## EXERCISE INSTRUCTIONS
Print only the lines below, from the very first to the one containing "p3 = place(p2, frame((0.0, 0.0, 266.9)))", exactly as they stand. Do not print pictures.

Records from a dataset:

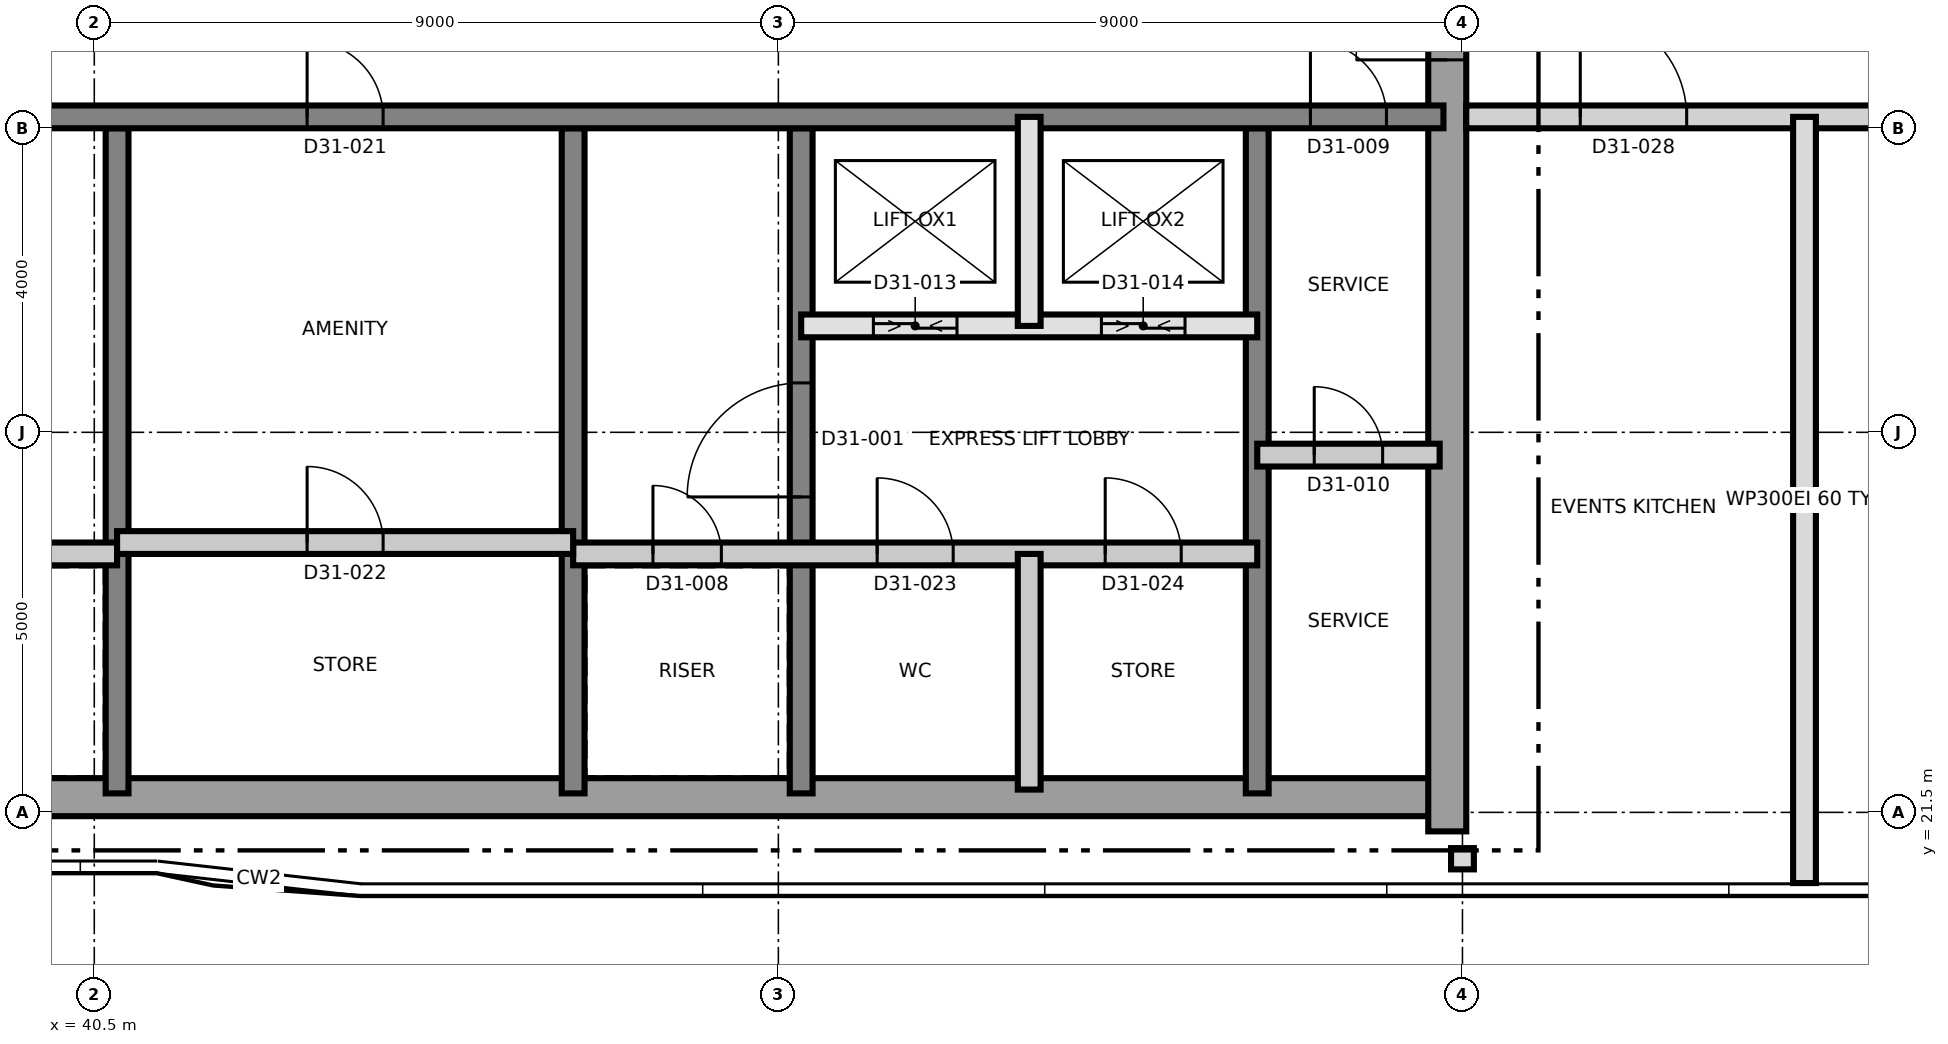
"""IFC4 building model, lengths in metres.
Left out: names, types, materials, properties, quantities, classifications, styles, units other than length and angle.
Written with IfcOpenShell. Run it as: python <this file> out.ifc"""

import sys

from ifc_helpers import new_model, si_unit, direction, frame, frame_2d, origin, place, context, subcontext, project, spatial, rectangle, extrude, element, fill, save


model = new_model("IFC4")
c1 = context("Model", 3, precision=1e-05, world=origin(), true_north=direction((0.0, 1.0)))
c2 = subcontext(c1, "Body", "Model", "MODEL_VIEW")
j1 = project(units=[si_unit("LENGTHUNIT", "METRE"), si_unit("PLANEANGLEUNIT", "RADIAN")], contexts=[c1])
p1 = place(None, origin())
s1 = spatial("IfcSite", under=j1, at=p1, CompositionType="ELEMENT")
p2 = place(p1, origin())
s2 = spatial("IfcBuilding", under=s1, at=p2, CompositionType="ELEMENT")
p3 = place(p2, frame((0.0, 0.0, 266.9)))
s3 = spatial("IfcBuildingStorey", under=s2, at=p3, CompositionType="ELEMENT", Elevation=266.9)
p4 = place(p3, frame((31.25, 21.7, 0.0), z_axis=(0.0, 0.0, 1.0), x_axis=(1.0, 0.0, 0.0)))
e1 = element("IfcWall", 1, at=p4, inside=s3, PredefinedType="SHEAR", context=c2, shape_type="SweptSolid", body=[
    extrude(rectangle(XDim=27.0, YDim=0.5, at=frame_2d((13.5, 0.0))), origin(), (0.0, 0.0, 1.0), 6.0),
])
p5 = place(p3, frame((58.3, 21.25, 0.0), z_axis=(0.0, 0.0, 1.0), x_axis=(0.0, 1.0, 0.0)))
e2 = element("IfcWall", 2, at=p5, inside=s3, PredefinedType="SHEAR", context=c2, shape_type="SweptSolid", body=[
    extrude(rectangle(XDim=18.5, YDim=0.5, at=frame_2d((9.25, 0.0))), origin(), (0.0, 0.0, 1.0), 6.0),
])
p6 = place(p5, frame((10.15, 0.0, 0.0)))
e3 = element("IfcOpeningElement", 3, at=p6, cuts=e2, PredefinedType="OPENING", context=c2, shape_type="SweptSolid", body=[
    extrude(rectangle(XDim=1.2, YDim=2.1, at=frame_2d((0.6, 1.05))), frame((0.0, 0.26, 0.0), z_axis=(0.0, -1.0, 0.0), x_axis=(1.0, 0.0, 0.0)), (0.0, 0.0, 1.0), 0.52),
])
for number, where, z_axis, x_axis in (
    (4, (40.8, 21.75, 0.0), (0.0, 0.0, 1.0), (0.0, 1.0, 0.0)),
    (5, (46.8, 21.75, 0.0), (0.0, 0.0, 1.0), (0.0, 1.0, 0.0)),
):
    element("IfcWall", number, at=place(p3, frame(where, z_axis=z_axis, x_axis=x_axis)), inside=s3, PredefinedType="SHEAR", context=c2, shape_type="SweptSolid", body=[
        extrude(rectangle(XDim=8.75, YDim=0.3, at=frame_2d((4.375, 0.0))), origin(), (0.0, 0.0, 1.0), 6.0),
    ])
p7 = place(p3, frame((49.8, 21.75, 0.0), z_axis=(0.0, 0.0, 1.0), x_axis=(0.0, 1.0, 0.0)))
e6 = element("IfcWall", 6, at=p7, inside=s3, PredefinedType="SHEAR", context=c2, shape_type="SweptSolid", body=[
    extrude(rectangle(XDim=8.75, YDim=0.3, at=frame_2d((4.375, 0.0))), origin(), (0.0, 0.0, 1.0), 6.0),
])
p8 = place(p7, frame((3.9, 0.0, 0.0)))
e7 = element("IfcOpeningElement", 7, at=p8, cuts=e6, PredefinedType="OPENING", context=c2, shape_type="SweptSolid", body=[
    extrude(rectangle(XDim=1.5, YDim=2.1, at=frame_2d((0.75, 1.05))), frame((0.0, 0.16, 0.0), z_axis=(0.0, -1.0, 0.0), x_axis=(1.0, 0.0, 0.0)), (0.0, 0.0, 1.0), 0.32),
])
p9 = place(p3, frame((55.8, 21.75, 0.0), z_axis=(0.0, 0.0, 1.0), x_axis=(0.0, 1.0, 0.0)))
e8 = element("IfcWall", 8, at=p9, inside=s3, PredefinedType="SHEAR", context=c2, shape_type="SweptSolid", body=[
    extrude(rectangle(XDim=8.75, YDim=0.3, at=frame_2d((4.375, 0.0))), origin(), (0.0, 0.0, 1.0), 6.0),
])
p10 = place(p3, frame((31.75, 30.65, 0.0), z_axis=(0.0, 0.0, 1.0), x_axis=(1.0, 0.0, 0.0)))
e9 = element("IfcWall", 9, at=p10, inside=s3, PredefinedType="SHEAR", context=c2, shape_type="SweptSolid", body=[
    extrude(rectangle(XDim=26.5, YDim=0.3, at=frame_2d((13.25, 0.0))), origin(), (0.0, 0.0, 1.0), 6.0),
])
p11 = place(p10, frame((24.75, 0.0, 0.0)))
e10 = element("IfcOpeningElement", 10, at=p11, cuts=e9, PredefinedType="OPENING", context=c2, shape_type="SweptSolid", body=[
    extrude(rectangle(XDim=1.0, YDim=2.1, at=frame_2d((0.5, 1.05))), frame((0.0, 0.16, 0.0), z_axis=(0.0, -1.0, 0.0), x_axis=(1.0, 0.0, 0.0)), (0.0, 0.0, 1.0), 0.32),
])
p12 = place(p10, frame((4.05, 0.0, 0.0)))
e11 = element("IfcOpeningElement", 11, at=p12, cuts=e9, PredefinedType="OPENING", context=c2, shape_type="SweptSolid", body=[
    extrude(rectangle(XDim=1.0, YDim=2.1, at=frame_2d((0.5, 1.05))), frame((0.0, 0.16, 0.0), z_axis=(0.0, -1.0, 0.0), x_axis=(1.0, 0.0, 0.0)), (0.0, 0.0, 1.0), 0.32),
])
p13 = place(p10, frame((11.55, 0.0, 0.0)))
e12 = element("IfcOpeningElement", 12, at=p13, cuts=e9, PredefinedType="OPENING", context=c2, shape_type="SweptSolid", body=[
    extrude(rectangle(XDim=1.0, YDim=2.1, at=frame_2d((0.5, 1.05))), frame((0.0, 0.16, 0.0), z_axis=(0.0, -1.0, 0.0), x_axis=(1.0, 0.0, 0.0)), (0.0, 0.0, 1.0), 0.32),
])
p14 = place(p3, frame((37.8, 24.9, 0.0), z_axis=(0.0, 0.0, 1.0), x_axis=(1.0, 0.0, 0.0)))
e13 = element("IfcWall", 13, at=p14, inside=s3, PredefinedType="PARTITIONING", context=c2, shape_type="SweptSolid", body=[
    extrude(rectangle(XDim=3.0, YDim=0.3, at=frame_2d((1.5, 0.0))), origin(), (0.0, 0.0, 1.0), 5.7),
])
p15 = place(p14, frame((1.05, 0.0, 0.0)))
e14 = element("IfcOpeningElement", 14, at=p15, cuts=e13, PredefinedType="OPENING", context=c2, shape_type="SweptSolid", body=[
    extrude(rectangle(XDim=0.9, YDim=2.1, at=frame_2d((0.45, 1.05))), frame((0.0, 0.16, 0.0), z_axis=(0.0, -1.0, 0.0), x_axis=(1.0, 0.0, 0.0)), (0.0, 0.0, 1.0), 0.32),
])
p16 = place(p3, frame((46.8, 24.9, 0.0), z_axis=(0.0, 0.0, 1.0), x_axis=(1.0, 0.0, 0.0)))
e15 = element("IfcWall", 15, at=p16, inside=s3, PredefinedType="PARTITIONING", context=c2, shape_type="SweptSolid", body=[
    extrude(rectangle(XDim=9.0, YDim=0.3, at=frame_2d((4.5, 0.0))), origin(), (0.0, 0.0, 1.0), 5.7),
])
p17 = place(p16, frame((1.05, 0.0, 0.0)))
e16 = element("IfcOpeningElement", 16, at=p17, cuts=e15, PredefinedType="OPENING", context=c2, shape_type="SweptSolid", body=[
    extrude(rectangle(XDim=0.9, YDim=2.1, at=frame_2d((0.45, 1.05))), frame((0.0, 0.16, 0.0), z_axis=(0.0, -1.0, 0.0), x_axis=(1.0, 0.0, 0.0)), (0.0, 0.0, 1.0), 0.32),
])
p18 = place(p16, frame((4.0, 0.0, 0.0)))
e17 = element("IfcOpeningElement", 17, at=p18, cuts=e15, PredefinedType="OPENING", context=c2, shape_type="SweptSolid", body=[
    extrude(rectangle(XDim=1.0, YDim=2.1, at=frame_2d((0.5, 1.05))), frame((0.0, 0.16, 0.0), z_axis=(0.0, -1.0, 0.0), x_axis=(1.0, 0.0, 0.0)), (0.0, 0.0, 1.0), 0.32),
])
p19 = place(p16, frame((7.0, 0.0, 0.0)))
e18 = element("IfcOpeningElement", 18, at=p19, cuts=e15, PredefinedType="OPENING", context=c2, shape_type="SweptSolid", body=[
    extrude(rectangle(XDim=1.0, YDim=2.1, at=frame_2d((0.5, 1.05))), frame((0.0, 0.16, 0.0), z_axis=(0.0, -1.0, 0.0), x_axis=(1.0, 0.0, 0.0)), (0.0, 0.0, 1.0), 0.32),
])
p20 = place(p3, frame((40.8, 25.05, 0.0), z_axis=(0.0, 0.0, 1.0), x_axis=(1.0, 0.0, 0.0)))
e19 = element("IfcWall", 19, at=p20, inside=s3, PredefinedType="PARTITIONING", context=c2, shape_type="SweptSolid", body=[
    extrude(rectangle(XDim=6.0, YDim=0.3, at=frame_2d((3.0, 0.0))), origin(), (0.0, 0.0, 1.0), 5.7),
])
p21 = place(p20, frame((2.5, 0.0, 0.0)))
e20 = element("IfcOpeningElement", 20, at=p21, cuts=e19, PredefinedType="OPENING", context=c2, shape_type="SweptSolid", body=[
    extrude(rectangle(XDim=1.0, YDim=2.1, at=frame_2d((0.5, 1.05))), frame((0.0, 0.16, 0.0), z_axis=(0.0, -1.0, 0.0), x_axis=(1.0, 0.0, 0.0)), (0.0, 0.0, 1.0), 0.32),
])
p22 = place(p3, frame((55.8, 26.2, 0.0), z_axis=(0.0, 0.0, 1.0), x_axis=(1.0, 0.0, 0.0)))
e21 = element("IfcWall", 21, at=p22, inside=s3, PredefinedType="PARTITIONING", context=c2, shape_type="SweptSolid", body=[
    extrude(rectangle(XDim=2.4, YDim=0.3, at=frame_2d((1.2, 0.0))), origin(), (0.0, 0.0, 1.0), 5.7),
])
p23 = place(p22, frame((0.75, 0.0, 0.0)))
e22 = element("IfcOpeningElement", 22, at=p23, cuts=e21, PredefinedType="OPENING", context=c2, shape_type="SweptSolid", body=[
    extrude(rectangle(XDim=0.9, YDim=2.1, at=frame_2d((0.45, 1.05))), frame((0.0, 0.16, 0.0), z_axis=(0.0, -1.0, 0.0), x_axis=(1.0, 0.0, 0.0)), (0.0, 0.0, 1.0), 0.32),
])
p24 = place(p3, frame((49.8, 27.9, 0.0), z_axis=(0.0, 0.0, 1.0), x_axis=(1.0, 0.0, 0.0)))
e23 = element("IfcWall", 23, at=p24, inside=s3, PredefinedType="SOLIDWALL", context=c2, shape_type="SweptSolid", body=[
    extrude(rectangle(XDim=6.0, YDim=0.3, at=frame_2d((3.0, 0.0))), origin(), (0.0, 0.0, 1.0), 5.7),
])
p25 = place(p24, frame((0.95, 0.0, 0.0)))
e24 = element("IfcOpeningElement", 24, at=p25, cuts=e23, PredefinedType="OPENING", context=c2, shape_type="SweptSolid", body=[
    extrude(rectangle(XDim=1.1, YDim=2.4, at=frame_2d((0.55, 1.2))), frame((0.0, 0.16, 0.0), z_axis=(0.0, -1.0, 0.0), x_axis=(1.0, 0.0, 0.0)), (0.0, 0.0, 1.0), 0.32),
])
p26 = place(p24, frame((3.95, 0.0, 0.0)))
e25 = element("IfcOpeningElement", 25, at=p26, cuts=e23, PredefinedType="OPENING", context=c2, shape_type="SweptSolid", body=[
    extrude(rectangle(XDim=1.1, YDim=2.4, at=frame_2d((0.55, 1.2))), frame((0.0, 0.16, 0.0), z_axis=(0.0, -1.0, 0.0), x_axis=(1.0, 0.0, 0.0)), (0.0, 0.0, 1.0), 0.32),
])
p27 = place(p3, frame((52.8, 21.8, 0.0), z_axis=(0.0, 0.0, 1.0), x_axis=(0.0, 1.0, 0.0)))
e26 = element("IfcWall", 26, at=p27, inside=s3, PredefinedType="PARTITIONING", context=c2, shape_type="SweptSolid", body=[
    extrude(rectangle(XDim=3.1, YDim=0.3, at=frame_2d((1.55, 0.0))), origin(), (0.0, 0.0, 1.0), 5.7),
])
p28 = place(p3, frame((52.8, 27.9, 0.0), z_axis=(0.0, 0.0, 1.0), x_axis=(0.0, 1.0, 0.0)))
e27 = element("IfcWall", 27, at=p28, inside=s3, PredefinedType="SOLIDWALL", context=c2, shape_type="SweptSolid", body=[
    extrude(rectangle(XDim=2.75, YDim=0.3, at=frame_2d((1.375, 0.0))), origin(), (0.0, 0.0, 1.0), 5.7),
])
p29 = place(p3, frame((58.55, 30.65, 0.0), z_axis=(0.0, 0.0, 1.0), x_axis=(1.0, 0.0, 0.0)))
e28 = element("IfcWall", 28, at=p29, inside=s3, PredefinedType="PARTITIONING", context=c2, shape_type="SweptSolid", body=[
    extrude(rectangle(XDim=26.78, YDim=0.3, at=frame_2d((13.39, 0.0))), origin(), (0.0, 0.0, 1.0), 5.7),
])
p30 = place(p29, frame((1.5, 0.0, 0.0)))
e29 = element("IfcOpeningElement", 29, at=p30, cuts=e28, PredefinedType="OPENING", context=c2, shape_type="SweptSolid", body=[
    extrude(rectangle(XDim=1.4, YDim=2.1, at=frame_2d((0.7, 1.05))), frame((0.0, 0.16, 0.0), z_axis=(0.0, -1.0, 0.0), x_axis=(1.0, 0.0, 0.0)), (0.0, 0.0, 1.0), 0.32),
])
p31 = place(p29, frame((10.5, 0.0, 0.0)))
e30 = element("IfcOpeningElement", 30, at=p31, cuts=e28, PredefinedType="OPENING", context=c2, shape_type="SweptSolid", body=[
    extrude(rectangle(XDim=1.4, YDim=2.1, at=frame_2d((0.7, 1.05))), frame((0.0, 0.16, 0.0), z_axis=(0.0, -1.0, 0.0), x_axis=(1.0, 0.0, 0.0)), (0.0, 0.0, 1.0), 0.32),
])
p32 = place(p29, frame((21.85, 0.0, 0.0)))
e31 = element("IfcOpeningElement", 31, at=p32, cuts=e28, PredefinedType="OPENING", context=c2, shape_type="SweptSolid", body=[
    extrude(rectangle(XDim=1.2, YDim=2.1, at=frame_2d((0.6, 1.05))), frame((0.0, 0.16, 0.0), z_axis=(0.0, -1.0, 0.0), x_axis=(1.0, 0.0, 0.0)), (0.0, 0.0, 1.0), 0.32),
])
p33 = place(p3, frame((58.5, 20.75, 0.0), z_axis=(0.0, 0.0, 1.0), x_axis=(0.0, 1.0, 0.0)))
e32 = element("IfcWall", 32, at=p33, inside=s3, PredefinedType="PARTITIONING", context=c2, shape_type="SweptSolid", body=[
    extrude(rectangle(XDim=0.28, YDim=0.3, at=frame_2d((0.14, 0.0))), origin(), (0.0, 0.0, 1.0), 5.7),
])
p34 = place(p3, frame((63.0, 20.57, 0.0), z_axis=(0.0, 0.0, 1.0), x_axis=(0.0, 1.0, 0.0)))
e33 = element("IfcWall", 33, at=p34, inside=s3, PredefinedType="PARTITIONING", context=c2, shape_type="SweptSolid", body=[
    extrude(rectangle(XDim=10.08, YDim=0.3, at=frame_2d((5.04, 0.0))), origin(), (0.0, 0.0, 1.0), 5.7),
])
p35 = place(p8, origin())
e34 = element("IfcDoor", 34, at=p35, inside=s3, OperationType="SINGLE_SWING_LEFT", PredefinedType="DOOR", context=c2, shape_type="SweptSolid", body=[
    extrude(rectangle(XDim=1.5, YDim=2.1, at=frame_2d((0.75, 1.05))), frame((0.0, 0.025, 0.0), z_axis=(0.0, -1.0, 0.0), x_axis=(1.0, 0.0, 0.0)), (0.0, 0.0, 1.0), 0.05),
])
fill(e7, e34)
p36 = place(p17, origin())
e35 = element("IfcDoor", 35, at=p36, inside=s3, OperationType="SINGLE_SWING_RIGHT", PredefinedType="DOOR", context=c2, shape_type="SweptSolid", body=[
    extrude(rectangle(XDim=0.9, YDim=2.1, at=frame_2d((0.45, 1.05))), frame((0.0, 0.025, 0.0), z_axis=(0.0, -1.0, 0.0), x_axis=(1.0, 0.0, 0.0)), (0.0, 0.0, 1.0), 0.05),
])
fill(e16, e35)
p37 = place(p11, origin())
e36 = element("IfcDoor", 36, at=p37, inside=s3, OperationType="SINGLE_SWING_LEFT", PredefinedType="DOOR", context=c2, shape_type="SweptSolid", body=[
    extrude(rectangle(XDim=1.0, YDim=2.1, at=frame_2d((0.5, 1.05))), frame((0.0, 0.025, 0.0), z_axis=(0.0, -1.0, 0.0), x_axis=(1.0, 0.0, 0.0)), (0.0, 0.0, 1.0), 0.05),
])
fill(e10, e36)
p38 = place(p23, origin())
e37 = element("IfcDoor", 37, at=p38, inside=s3, OperationType="SINGLE_SWING_RIGHT", PredefinedType="DOOR", context=c2, shape_type="SweptSolid", body=[
    extrude(rectangle(XDim=0.9, YDim=2.1, at=frame_2d((0.45, 1.05))), frame((0.0, 0.025, 0.0), z_axis=(0.0, -1.0, 0.0), x_axis=(1.0, 0.0, 0.0)), (0.0, 0.0, 1.0), 0.05),
])
fill(e22, e37)
p39 = place(p6, origin())
e38 = element("IfcDoor", 38, at=p39, inside=s3, OperationType="SINGLE_SWING_LEFT", PredefinedType="DOOR", context=c2, shape_type="SweptSolid", body=[
    extrude(rectangle(XDim=1.2, YDim=2.1, at=frame_2d((0.6, 1.05))), frame((0.0, 0.025, 0.0), z_axis=(0.0, -1.0, 0.0), x_axis=(1.0, 0.0, 0.0)), (0.0, 0.0, 1.0), 0.05),
])
fill(e3, e38)
p40 = place(p25, origin())
e39 = element("IfcDoor", 39, at=p40, inside=s3, OperationType="SLIDING_TO_LEFT", PredefinedType="DOOR", context=c2, shape_type="SweptSolid", body=[
    extrude(rectangle(XDim=1.1, YDim=2.4, at=frame_2d((0.55, 1.2))), frame((0.0, 0.025, 0.0), z_axis=(0.0, -1.0, 0.0), x_axis=(1.0, 0.0, 0.0)), (0.0, 0.0, 1.0), 0.05),
])
fill(e24, e39)
p41 = place(p26, origin())
e40 = element("IfcDoor", 40, at=p41, inside=s3, OperationType="SLIDING_TO_LEFT", PredefinedType="DOOR", context=c2, shape_type="SweptSolid", body=[
    extrude(rectangle(XDim=1.1, YDim=2.4, at=frame_2d((0.55, 1.2))), frame((0.0, 0.025, 0.0), z_axis=(0.0, -1.0, 0.0), x_axis=(1.0, 0.0, 0.0)), (0.0, 0.0, 1.0), 0.05),
])
fill(e25, e40)
p42 = place(p13, origin())
e41 = element("IfcDoor", 41, at=p42, inside=s3, OperationType="SINGLE_SWING_LEFT", PredefinedType="DOOR", context=c2, shape_type="SweptSolid", body=[
    extrude(rectangle(XDim=1.0, YDim=2.1, at=frame_2d((0.5, 1.05))), frame((0.0, 0.025, 0.0), z_axis=(0.0, -1.0, 0.0), x_axis=(1.0, 0.0, 0.0)), (0.0, 0.0, 1.0), 0.05),
])
fill(e12, e41)
p43 = place(p21, origin())
e42 = element("IfcDoor", 42, at=p43, inside=s3, OperationType="SINGLE_SWING_RIGHT", PredefinedType="DOOR", context=c2, shape_type="SweptSolid", body=[
    extrude(rectangle(XDim=1.0, YDim=2.1, at=frame_2d((0.5, 1.05))), frame((0.0, 0.025, 0.0), z_axis=(0.0, -1.0, 0.0), x_axis=(1.0, 0.0, 0.0)), (0.0, 0.0, 1.0), 0.05),
])
fill(e20, e42)
p44 = place(p18, origin())
e43 = element("IfcDoor", 43, at=p44, inside=s3, OperationType="SINGLE_SWING_LEFT", PredefinedType="DOOR", context=c2, shape_type="SweptSolid", body=[
    extrude(rectangle(XDim=1.0, YDim=2.1, at=frame_2d((0.5, 1.05))), frame((0.0, 0.025, 0.0), z_axis=(0.0, -1.0, 0.0), x_axis=(1.0, 0.0, 0.0)), (0.0, 0.0, 1.0), 0.05),
])
fill(e17, e43)
p45 = place(p19, origin())
e44 = element("IfcDoor", 44, at=p45, inside=s3, OperationType="SINGLE_SWING_RIGHT", PredefinedType="DOOR", context=c2, shape_type="SweptSolid", body=[
    extrude(rectangle(XDim=1.0, YDim=2.1, at=frame_2d((0.5, 1.05))), frame((0.0, 0.025, 0.0), z_axis=(0.0, -1.0, 0.0), x_axis=(1.0, 0.0, 0.0)), (0.0, 0.0, 1.0), 0.05),
])
fill(e18, e44)
p46 = place(p30, origin())
e45 = element("IfcDoor", 45, at=p46, inside=s3, OperationType="SINGLE_SWING_LEFT", PredefinedType="DOOR", context=c2, shape_type="SweptSolid", body=[
    extrude(rectangle(XDim=1.4, YDim=2.1, at=frame_2d((0.7, 1.05))), frame((0.0, 0.025, 0.0), z_axis=(0.0, -1.0, 0.0), x_axis=(1.0, 0.0, 0.0)), (0.0, 0.0, 1.0), 0.05),
])
fill(e29, e45)
save(model, sys.argv[1])

## SOLVED EXERCISE
"""IFC4 building model, lengths in metres.
Left out: names, types, materials, properties, quantities, classifications, styles, units other than length and angle.
Written with IfcOpenShell. Run it as: python <this file> out.ifc"""

import sys

from ifc_helpers import new_model, si_unit, direction, frame, frame_2d, origin, place, context, subcontext, project, spatial, rectangle, extrude, element, fill, save


model = new_model("IFC4")
c1 = context("Model", 3, precision=1e-05, world=origin(), true_north=direction((0.0, 1.0)))
c2 = subcontext(c1, "Body", "Model", "MODEL_VIEW")
j1 = project(units=[si_unit("LENGTHUNIT", "METRE"), si_unit("PLANEANGLEUNIT", "RADIAN")], contexts=[c1])
p1 = place(None, origin())
s1 = spatial("IfcSite", under=j1, at=p1, CompositionType="ELEMENT")
p2 = place(p1, origin())
s2 = spatial("IfcBuilding", under=s1, at=p2, CompositionType="ELEMENT")
p3 = place(p2, frame((0.0, 0.0, 266.9)))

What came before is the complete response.